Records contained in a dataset
═══
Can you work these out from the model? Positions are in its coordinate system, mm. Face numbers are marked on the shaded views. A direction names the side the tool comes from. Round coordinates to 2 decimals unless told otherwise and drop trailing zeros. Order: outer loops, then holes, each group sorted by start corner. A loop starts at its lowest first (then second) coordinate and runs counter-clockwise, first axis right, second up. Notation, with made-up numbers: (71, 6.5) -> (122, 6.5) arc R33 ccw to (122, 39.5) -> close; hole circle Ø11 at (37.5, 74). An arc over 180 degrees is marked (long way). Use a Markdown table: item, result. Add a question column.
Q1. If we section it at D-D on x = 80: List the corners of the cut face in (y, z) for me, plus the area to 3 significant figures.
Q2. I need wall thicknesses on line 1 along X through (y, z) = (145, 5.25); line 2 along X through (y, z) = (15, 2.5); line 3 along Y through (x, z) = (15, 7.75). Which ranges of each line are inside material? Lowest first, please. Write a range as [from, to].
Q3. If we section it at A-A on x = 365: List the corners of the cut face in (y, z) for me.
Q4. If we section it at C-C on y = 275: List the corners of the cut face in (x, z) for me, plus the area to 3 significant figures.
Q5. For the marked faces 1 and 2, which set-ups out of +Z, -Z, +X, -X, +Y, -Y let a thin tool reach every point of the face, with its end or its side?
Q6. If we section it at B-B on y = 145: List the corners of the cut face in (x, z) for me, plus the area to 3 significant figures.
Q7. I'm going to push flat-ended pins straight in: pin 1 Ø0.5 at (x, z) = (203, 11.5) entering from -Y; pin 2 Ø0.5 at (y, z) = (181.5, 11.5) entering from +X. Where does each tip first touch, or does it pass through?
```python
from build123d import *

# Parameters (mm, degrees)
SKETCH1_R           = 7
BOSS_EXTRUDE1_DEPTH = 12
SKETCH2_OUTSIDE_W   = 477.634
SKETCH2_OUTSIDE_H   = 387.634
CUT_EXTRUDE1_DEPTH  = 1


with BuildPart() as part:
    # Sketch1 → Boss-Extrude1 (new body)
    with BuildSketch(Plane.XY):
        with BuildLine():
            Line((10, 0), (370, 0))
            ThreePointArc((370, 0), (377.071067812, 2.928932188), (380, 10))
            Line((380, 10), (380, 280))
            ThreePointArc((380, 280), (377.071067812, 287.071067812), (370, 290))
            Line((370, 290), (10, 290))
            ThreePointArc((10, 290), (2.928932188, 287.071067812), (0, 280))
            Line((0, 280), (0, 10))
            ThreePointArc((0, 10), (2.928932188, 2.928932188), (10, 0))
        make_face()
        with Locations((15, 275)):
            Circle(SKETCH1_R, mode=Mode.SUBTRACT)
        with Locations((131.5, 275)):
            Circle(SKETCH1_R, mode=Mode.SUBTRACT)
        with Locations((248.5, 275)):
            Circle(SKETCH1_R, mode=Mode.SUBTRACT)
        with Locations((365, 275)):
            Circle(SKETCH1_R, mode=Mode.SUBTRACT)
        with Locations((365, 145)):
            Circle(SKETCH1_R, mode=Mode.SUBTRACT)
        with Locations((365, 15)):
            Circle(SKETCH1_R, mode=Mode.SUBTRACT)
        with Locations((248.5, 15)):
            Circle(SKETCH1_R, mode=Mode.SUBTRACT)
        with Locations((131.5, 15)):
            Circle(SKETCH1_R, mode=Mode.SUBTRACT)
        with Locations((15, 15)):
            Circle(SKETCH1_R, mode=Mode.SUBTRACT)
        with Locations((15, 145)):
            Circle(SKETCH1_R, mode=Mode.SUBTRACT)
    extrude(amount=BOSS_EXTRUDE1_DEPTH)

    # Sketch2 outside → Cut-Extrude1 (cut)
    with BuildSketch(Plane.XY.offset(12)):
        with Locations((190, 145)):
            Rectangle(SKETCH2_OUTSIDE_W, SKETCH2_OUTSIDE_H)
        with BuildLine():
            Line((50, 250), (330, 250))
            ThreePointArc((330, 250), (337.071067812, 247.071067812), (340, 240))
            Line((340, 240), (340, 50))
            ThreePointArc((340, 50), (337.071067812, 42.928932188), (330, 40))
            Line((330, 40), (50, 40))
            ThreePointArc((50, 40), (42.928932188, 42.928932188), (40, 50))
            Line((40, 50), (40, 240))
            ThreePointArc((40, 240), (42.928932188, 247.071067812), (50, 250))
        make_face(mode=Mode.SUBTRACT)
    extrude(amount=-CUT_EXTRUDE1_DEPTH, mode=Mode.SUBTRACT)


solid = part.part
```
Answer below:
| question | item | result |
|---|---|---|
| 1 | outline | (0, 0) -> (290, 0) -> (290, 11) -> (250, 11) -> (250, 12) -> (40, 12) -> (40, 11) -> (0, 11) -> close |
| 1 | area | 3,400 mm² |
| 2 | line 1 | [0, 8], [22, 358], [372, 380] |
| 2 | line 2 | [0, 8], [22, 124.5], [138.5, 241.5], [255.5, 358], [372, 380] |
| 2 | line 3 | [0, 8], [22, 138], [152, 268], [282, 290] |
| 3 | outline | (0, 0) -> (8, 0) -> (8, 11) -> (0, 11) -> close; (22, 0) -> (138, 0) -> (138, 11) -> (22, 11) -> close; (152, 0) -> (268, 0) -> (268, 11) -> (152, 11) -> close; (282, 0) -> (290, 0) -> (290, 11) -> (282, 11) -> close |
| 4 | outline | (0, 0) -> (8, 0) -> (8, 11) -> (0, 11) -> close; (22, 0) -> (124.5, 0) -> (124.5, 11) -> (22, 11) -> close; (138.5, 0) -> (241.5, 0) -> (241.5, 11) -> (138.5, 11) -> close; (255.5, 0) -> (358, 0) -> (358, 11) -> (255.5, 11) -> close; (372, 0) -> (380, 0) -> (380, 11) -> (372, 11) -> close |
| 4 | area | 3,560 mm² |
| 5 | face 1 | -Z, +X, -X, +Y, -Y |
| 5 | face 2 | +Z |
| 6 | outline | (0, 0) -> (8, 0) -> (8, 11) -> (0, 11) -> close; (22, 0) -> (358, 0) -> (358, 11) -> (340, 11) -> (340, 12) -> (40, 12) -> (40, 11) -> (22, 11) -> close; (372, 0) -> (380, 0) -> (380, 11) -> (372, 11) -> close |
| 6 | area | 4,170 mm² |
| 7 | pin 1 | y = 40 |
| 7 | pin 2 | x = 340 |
═══
Copy all the data. Match it exactly.

Your solution
Can you work these out from the model? Positions are in its coordinate system, mm. Face numbers are marked on the shaded views. A direction names the side the tool comes from. Round coordinates to 2 decimals unless told otherwise and drop trailing zeros. Order: outer loops, then holes, each group sorted by start corner. A loop starts at its lowest first (then second) coordinate and runs counter-clockwise, first axis right, second up. Notation, with made-up numbers: (71, 6.5) -> (122, 6.5) arc R33 ccw to (122, 39.5) -> close; hole circle Ø11 at (37.5, 74). An arc over 180 degrees is marked (long way). Use a Markdown table: item, result. Add a question column.
Q1. If we section it at D-D on x = 80: List the corners of the cut face in (y, z) for me, plus the area to 3 significant figures.
Q2. I need wall thicknesses on line 1 along X through (y, z) = (145, 5.25); line 2 along X through (y, z) = (15, 2.5); line 3 along Y through (x, z) = (15, 7.75). Which ranges of each line are inside material? Lowest first, please. Write a range as [from, to].
Q3. If we section it at A-A on x = 365: List the corners of the cut face in (y, z) for me.
Q4. If we section it at C-C on y = 275: List the corners of the cut face in (x, z) for me, plus the area to 3 significant figures.
Q5. For the marked faces 1 and 2, which set-ups out of +Z, -Z, +X, -X, +Y, -Y let a thin tool reach every point of the face, with its end or its side?
Q6. If we section it at B-B on y = 145: List the corners of the cut face in (x, z) for me, plus the area to 3 significant figures.
Q7. I'm going to push flat-ended pins straight in: pin 1 Ø0.5 at (x, z) = (203, 11.5) entering from -Y; pin 2 Ø0.5 at (y, z) = (181.5, 11.5) entering from +X. Where does each tip first touch, or does it pass through?
```python
from build123d import *

# Parameters (mm, degrees)
SKETCH1_R           = 7
BOSS_EXTRUDE1_DEPTH = 12
SKETCH2_OUTSIDE_W   = 477.634
SKETCH2_OUTSIDE_H   = 387.634
CUT_EXTRUDE1_DEPTH  = 1


with BuildPart() as part:
    # Sketch1 → Boss-Extrude1 (new body)
    with BuildSketch(Plane.XY):
        with BuildLine():
            Line((10, 0), (370, 0))
            ThreePointArc((370, 0), (377.071067812, 2.928932188), (380, 10))
            Line((380, 10), (380, 280))
            ThreePointArc((380, 280), (377.071067812, 287.071067812), (370, 290))
            Line((370, 290), (10, 290))
            ThreePointArc((10, 290), (2.928932188, 287.071067812), (0, 280))
            Line((0, 280), (0, 10))
            ThreePointArc((0, 10), (2.928932188, 2.928932188), (10, 0))
        make_face()
        with Locations((15, 275)):
            Circle(SKETCH1_R, mode=Mode.SUBTRACT)
        with Locations((131.5, 275)):
            Circle(SKETCH1_R, mode=Mode.SUBTRACT)
        with Locations((248.5, 275)):
            Circle(SKETCH1_R, mode=Mode.SUBTRACT)
        with Locations((365, 275)):
            Circle(SKETCH1_R, mode=Mode.SUBTRACT)
        with Locations((365, 145)):
            Circle(SKETCH1_R, mode=Mode.SUBTRACT)
        with Locations((365, 15)):
            Circle(SKETCH1_R, mode=Mode.SUBTRACT)
        with Locations((248.5, 15)):
            Circle(SKETCH1_R, mode=Mode.SUBTRACT)
        with Locations((131.5, 15)):
            Circle(SKETCH1_R, mode=Mode.SUBTRACT)
        with Locations((15, 15)):
            Circle(SKETCH1_R, mode=Mode.SUBTRACT)
        with Locations((15, 145)):
            Circle(SKETCH1_R, mode=Mode.SUBTRACT)
    extrude(amount=BOSS_EXTRUDE1_DEPTH)

    # Sketch2 outside → Cut-Extrude1 (cut)
    with BuildSketch(Plane.XY.offset(12)):
        with Locations((190, 145)):
            Rectangle(SKETCH2_OUTSIDE_W, SKETCH2_OUTSIDE_H)
        with BuildLine():
            Line((50, 250), (330, 250))
            ThreePointArc((330, 250), (337.071067812, 247.071067812), (340, 240))
            Line((340, 240), (340, 50))
            ThreePointArc((340, 50), (337.071067812, 42.928932188), (330, 40))
            Line((330, 40), (50, 40))
            ThreePointArc((50, 40), (42.928932188, 42.928932188), (40, 50))
            Line((40, 50), (40, 240))
            ThreePointArc((40, 240), (42.928932188, 247.071067812), (50, 250))
        make_face(mode=Mode.SUBTRACT)
    extrude(amount=-CUT_EXTRUDE1_DEPTH, mode=Mode.SUBTRACT)


solid = part.part
```
Answer below:
| question | item | result |
|---|---|---|
| 1 | outline | (0, 0) -> (290, 0) -> (290, 11) -> (250, 11) -> (250, 12) -> (40, 12) -> (40, 11) -> (0, 11) -> close |
| 1 | area | 3,400 mm² |
| 2 | line 1 | [0, 8], [22, 358], [372, 380] |
| 2 | line 2 | [0, 8], [22, 124.5], [138.5, 241.5], [255.5, 358], [372, 380] |
| 2 | line 3 | [0, 8], [22, 138], [152, 268], [282, 290] |
| 3 | outline | (0, 0) -> (8, 0) -> (8, 11) -> (0, 11) -> close; (22, 0) -> (138, 0) -> (138, 11) -> (22, 11) -> close; (152, 0) -> (268, 0) -> (268, 11) -> (152, 11) -> close; (282, 0) -> (290, 0) -> (290, 11) -> (282, 11) -> close |
| 4 | outline | (0, 0) -> (8, 0) -> (8, 11) -> (0, 11) -> close; (22, 0) -> (124.5, 0) -> (124.5, 11) -> (22, 11) -> close; (138.5, 0) -> (241.5, 0) -> (241.5, 11) -> (138.5, 11) -> close; (255.5, 0) -> (358, 0) -> (358, 11) -> (255.5, 11) -> close; (372, 0) -> (380, 0) -> (380, 11) -> (372, 11) -> close |
| 4 | area | 3,560 mm² |
| 5 | face 1 | -Z, +X, -X, +Y, -Y |
| 5 | face 2 | +Z |
| 6 | outline | (0, 0) -> (8, 0) -> (8, 11) -> (0, 11) -> close; (22, 0) -> (358, 0) -> (358, 11) -> (340, 11) -> (340, 12) -> (40, 12) -> (40, 11) -> (22, 11) -> close; (372, 0) -> (380, 0) -> (380, 11) -> (372, 11) -> close |
| 6 | area | 4,170 mm² |
| 7 | pin 1 | y = 40 |
| 7 | pin 2 | x = 340 |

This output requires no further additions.